YOUR INSTRUCTIONS: With pictures left out, retype the lines from the start of the records through the one that contains "Line((0, -14.75), (10, -14.75))".

□ □ □ □ □ □ □

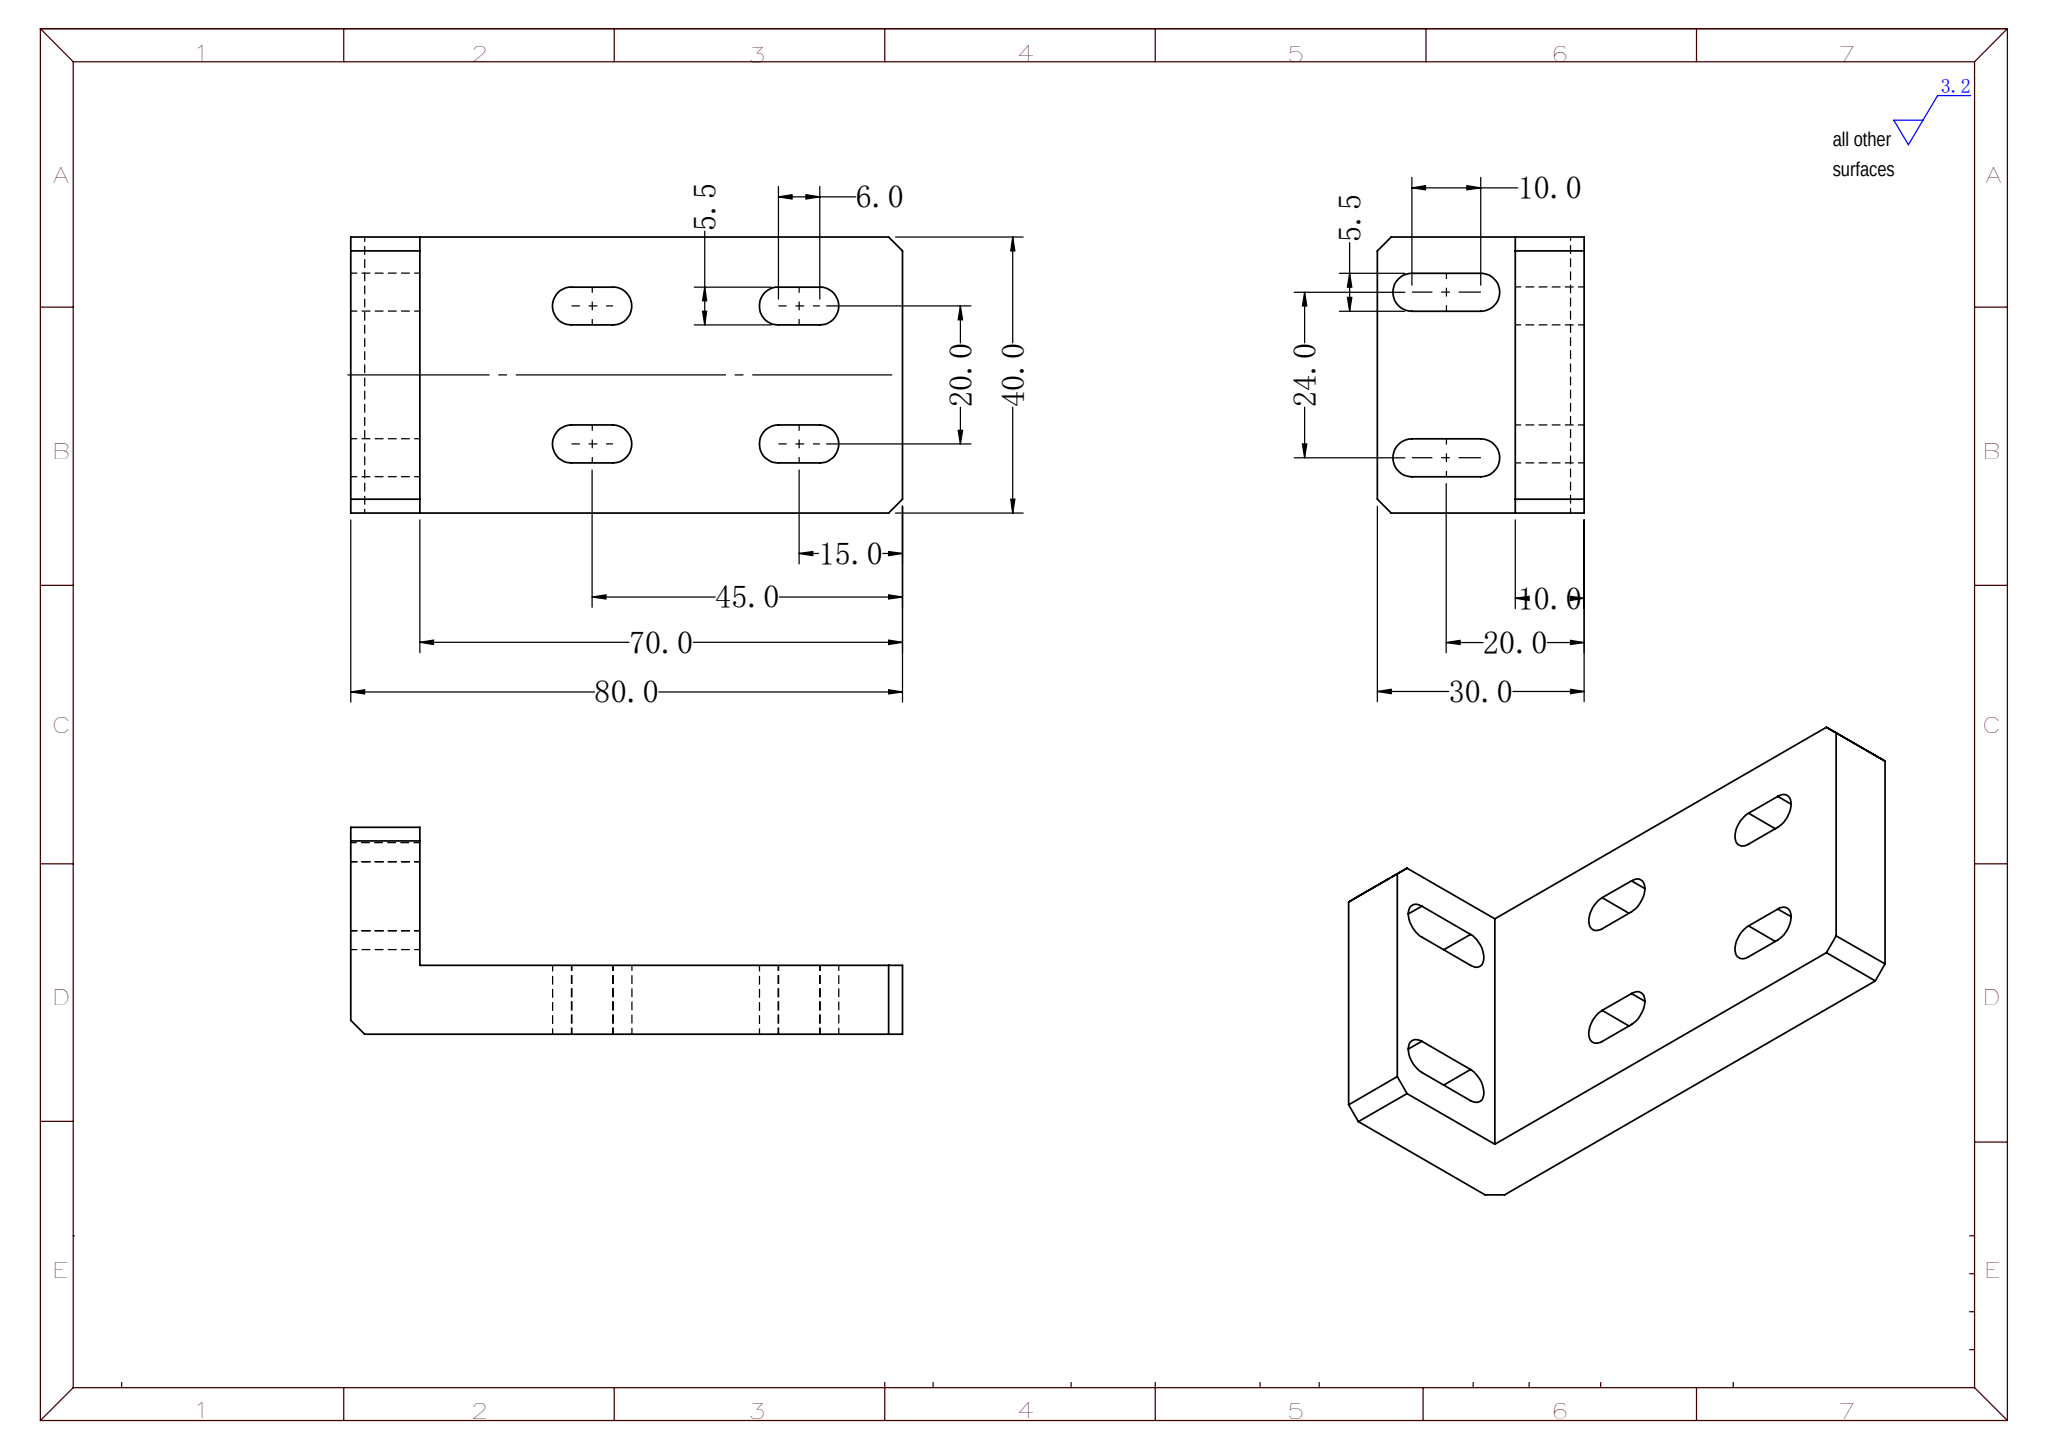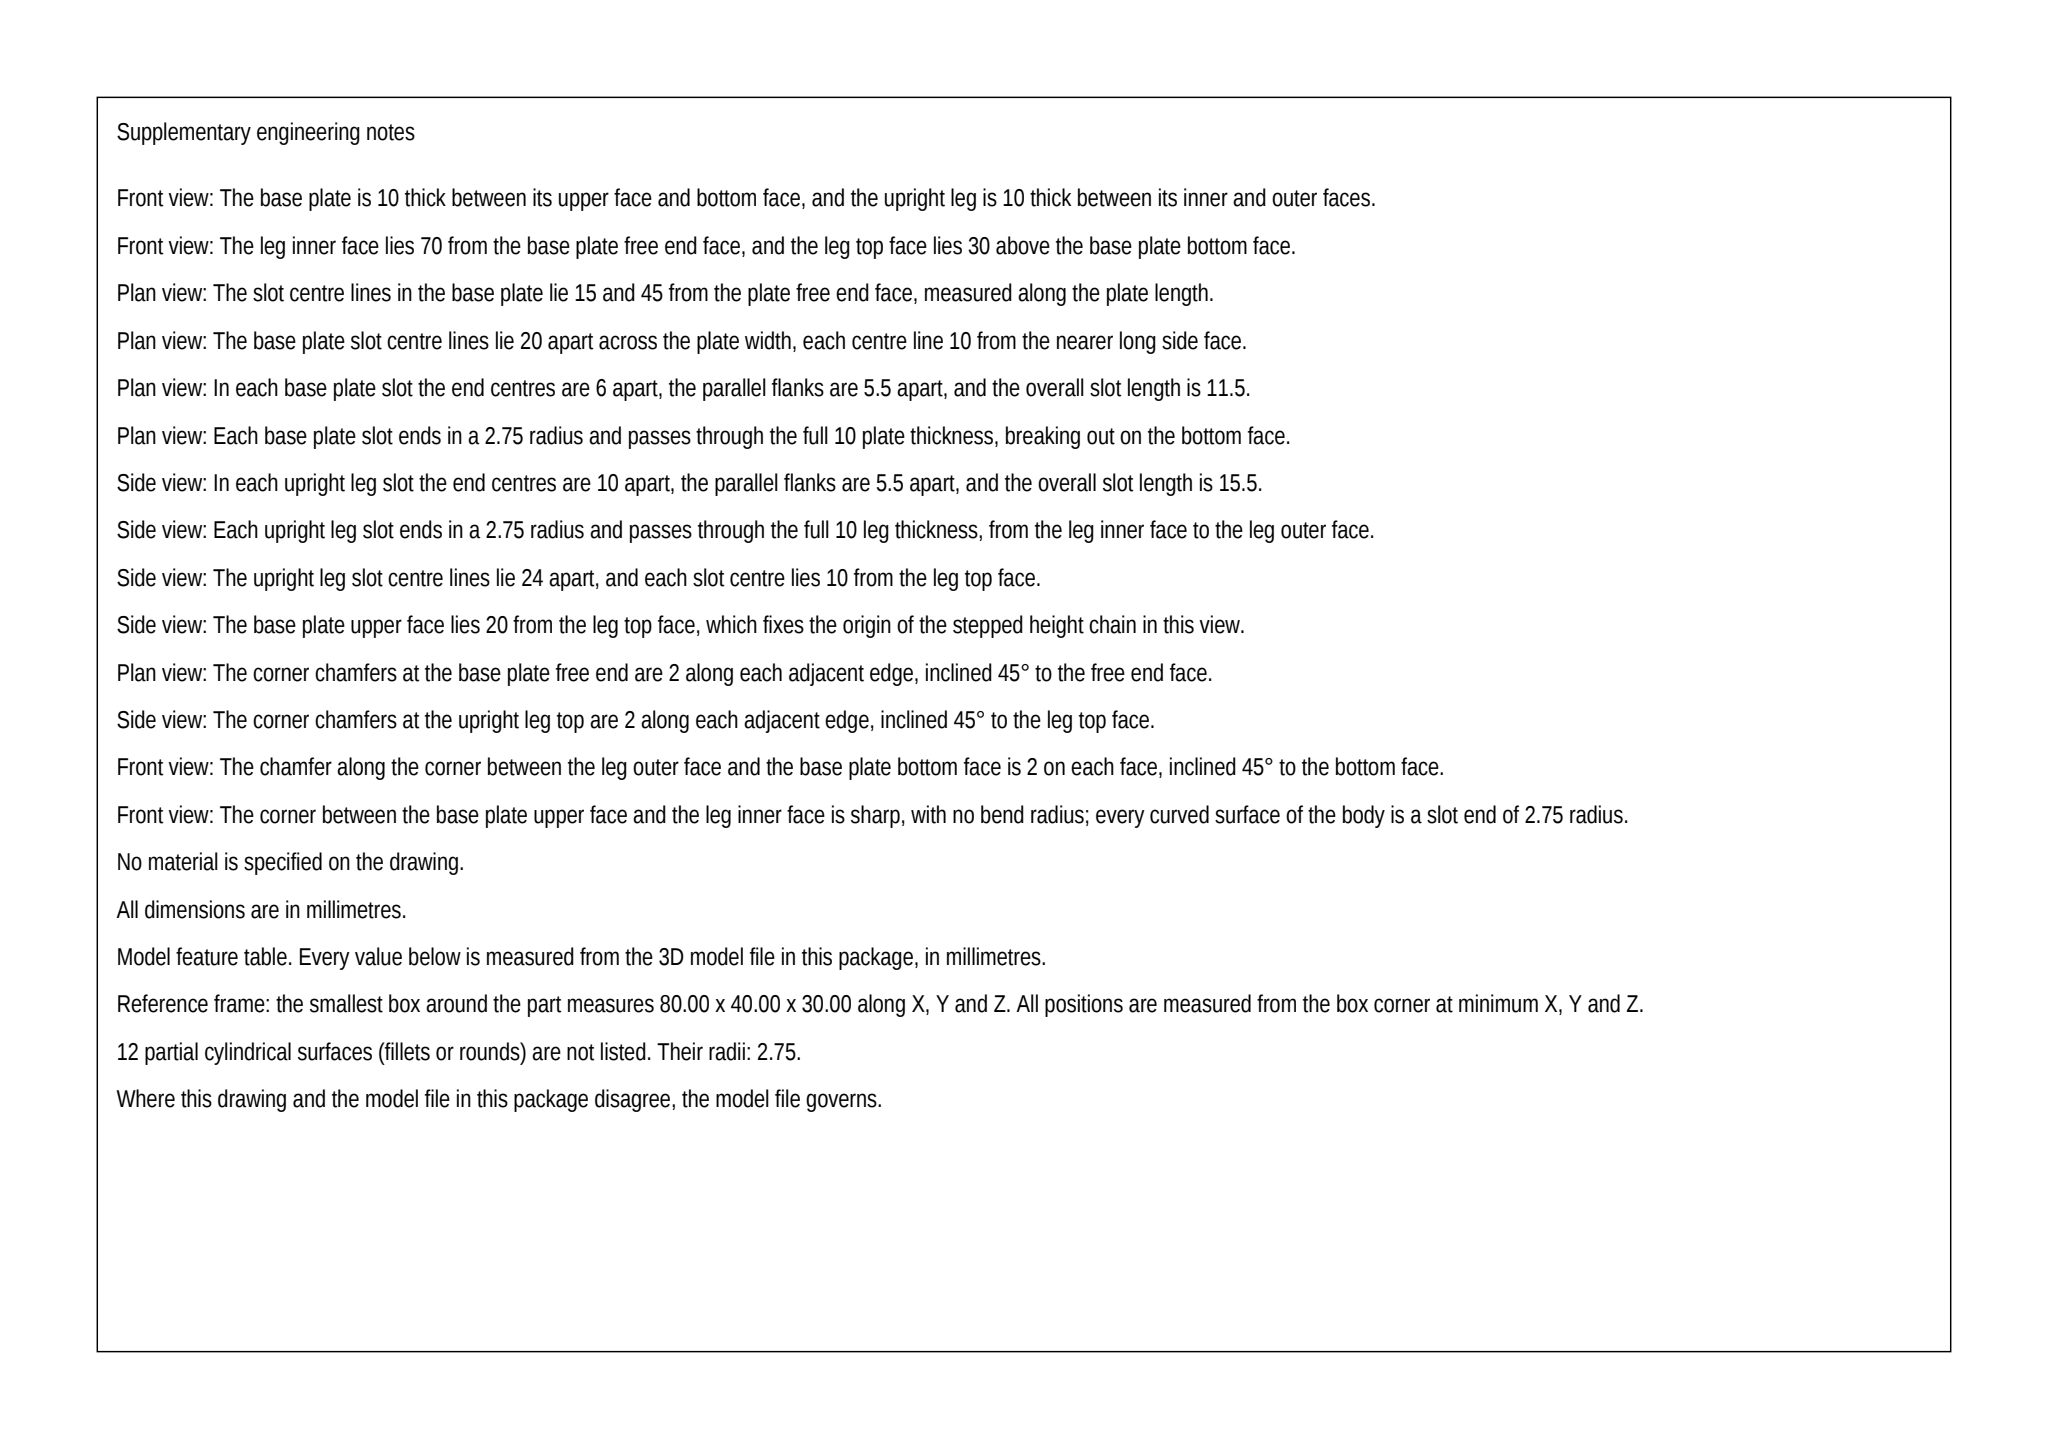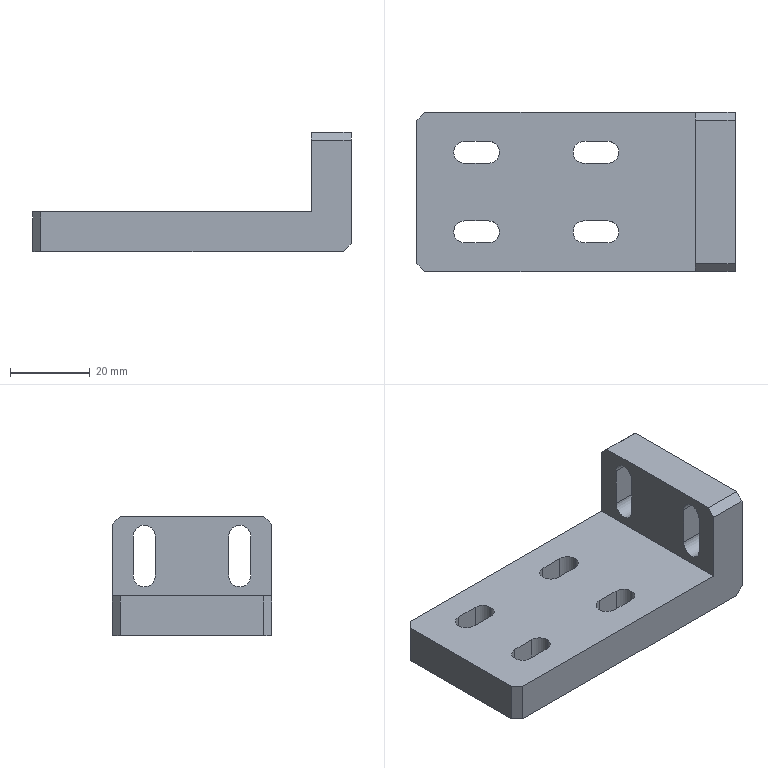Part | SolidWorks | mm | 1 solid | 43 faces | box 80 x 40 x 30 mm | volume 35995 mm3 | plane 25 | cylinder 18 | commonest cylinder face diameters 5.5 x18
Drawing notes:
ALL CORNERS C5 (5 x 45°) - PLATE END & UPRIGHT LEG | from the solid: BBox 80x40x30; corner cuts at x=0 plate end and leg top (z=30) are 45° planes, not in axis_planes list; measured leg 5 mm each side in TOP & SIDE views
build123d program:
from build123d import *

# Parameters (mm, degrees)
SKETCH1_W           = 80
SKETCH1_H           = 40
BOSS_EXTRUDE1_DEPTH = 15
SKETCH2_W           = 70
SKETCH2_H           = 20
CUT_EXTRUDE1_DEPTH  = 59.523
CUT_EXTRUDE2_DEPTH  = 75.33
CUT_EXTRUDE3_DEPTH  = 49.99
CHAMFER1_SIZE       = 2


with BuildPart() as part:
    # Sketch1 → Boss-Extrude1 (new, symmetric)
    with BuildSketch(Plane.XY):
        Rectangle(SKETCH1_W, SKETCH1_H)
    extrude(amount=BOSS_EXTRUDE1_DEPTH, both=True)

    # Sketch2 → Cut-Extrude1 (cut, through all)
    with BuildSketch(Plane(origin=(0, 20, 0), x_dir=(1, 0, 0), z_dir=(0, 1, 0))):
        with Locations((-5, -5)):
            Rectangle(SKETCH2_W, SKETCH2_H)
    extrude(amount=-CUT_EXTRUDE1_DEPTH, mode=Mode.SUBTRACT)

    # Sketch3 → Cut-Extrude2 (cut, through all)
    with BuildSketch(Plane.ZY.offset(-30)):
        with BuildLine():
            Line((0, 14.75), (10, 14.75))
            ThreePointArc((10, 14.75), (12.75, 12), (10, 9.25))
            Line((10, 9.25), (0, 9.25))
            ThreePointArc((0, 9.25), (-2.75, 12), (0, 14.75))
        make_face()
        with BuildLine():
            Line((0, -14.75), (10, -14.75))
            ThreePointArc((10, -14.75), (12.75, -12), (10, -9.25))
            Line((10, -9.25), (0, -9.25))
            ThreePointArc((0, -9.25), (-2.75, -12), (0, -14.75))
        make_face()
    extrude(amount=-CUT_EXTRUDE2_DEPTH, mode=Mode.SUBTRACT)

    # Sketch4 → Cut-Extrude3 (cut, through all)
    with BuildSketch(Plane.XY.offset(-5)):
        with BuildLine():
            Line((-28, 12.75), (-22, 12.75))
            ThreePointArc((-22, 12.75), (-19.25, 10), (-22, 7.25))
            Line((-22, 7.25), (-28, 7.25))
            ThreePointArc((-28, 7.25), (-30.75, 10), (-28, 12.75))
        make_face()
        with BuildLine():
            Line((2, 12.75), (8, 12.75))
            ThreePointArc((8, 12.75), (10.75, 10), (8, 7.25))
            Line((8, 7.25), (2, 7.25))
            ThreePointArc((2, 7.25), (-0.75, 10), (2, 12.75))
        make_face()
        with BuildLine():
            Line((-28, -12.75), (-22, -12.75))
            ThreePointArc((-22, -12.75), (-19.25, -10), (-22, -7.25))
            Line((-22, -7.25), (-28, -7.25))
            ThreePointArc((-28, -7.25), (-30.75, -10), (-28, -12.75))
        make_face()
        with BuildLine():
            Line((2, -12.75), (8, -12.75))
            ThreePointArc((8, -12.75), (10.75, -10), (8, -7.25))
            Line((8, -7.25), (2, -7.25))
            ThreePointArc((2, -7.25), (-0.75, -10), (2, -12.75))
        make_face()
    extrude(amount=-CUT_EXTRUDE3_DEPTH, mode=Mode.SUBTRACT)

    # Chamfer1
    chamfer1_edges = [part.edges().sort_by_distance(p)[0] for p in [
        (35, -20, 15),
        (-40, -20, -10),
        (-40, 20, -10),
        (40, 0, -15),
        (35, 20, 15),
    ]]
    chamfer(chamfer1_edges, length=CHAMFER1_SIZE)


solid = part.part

□ □ □ □ □ □ □

EXERCISE RESULT:
Part | SolidWorks | mm | 1 solid | 43 faces | box 80 x 40 x 30 mm | volume 35995 mm3 | plane 25 | cylinder 18 | commonest cylinder face diameters 5.5 x18
Drawing notes:
ALL CORNERS C5 (5 x 45°) - PLATE END & UPRIGHT LEG | from the solid: BBox 80x40x30; corner cuts at x=0 plate end and leg top (z=30) are 45° planes, not in axis_planes list; measured leg 5 mm each side in TOP & SIDE views
build123d program:
from build123d import *

# Parameters (mm, degrees)
SKETCH1_W           = 80
SKETCH1_H           = 40
BOSS_EXTRUDE1_DEPTH = 15
SKETCH2_W           = 70
SKETCH2_H           = 20
CUT_EXTRUDE1_DEPTH  = 59.523
CUT_EXTRUDE2_DEPTH  = 75.33
CUT_EXTRUDE3_DEPTH  = 49.99
CHAMFER1_SIZE       = 2


with BuildPart() as part:
    # Sketch1 → Boss-Extrude1 (new, symmetric)
    with BuildSketch(Plane.XY):
        Rectangle(SKETCH1_W, SKETCH1_H)
    extrude(amount=BOSS_EXTRUDE1_DEPTH, both=True)

    # Sketch2 → Cut-Extrude1 (cut, through all)
    with BuildSketch(Plane(origin=(0, 20, 0), x_dir=(1, 0, 0), z_dir=(0, 1, 0))):
        with Locations((-5, -5)):
            Rectangle(SKETCH2_W, SKETCH2_H)
    extrude(amount=-CUT_EXTRUDE1_DEPTH, mode=Mode.SUBTRACT)

    # Sketch3 → Cut-Extrude2 (cut, through all)
    with BuildSketch(Plane.ZY.offset(-30)):
        with BuildLine():
            Line((0, 14.75), (10, 14.75))
            ThreePointArc((10, 14.75), (12.75, 12), (10, 9.25))
            Line((10, 9.25), (0, 9.25))
            ThreePointArc((0, 9.25), (-2.75, 12), (0, 14.75))
        make_face()
        with BuildLine():
            Line((0, -14.75), (10, -14.75))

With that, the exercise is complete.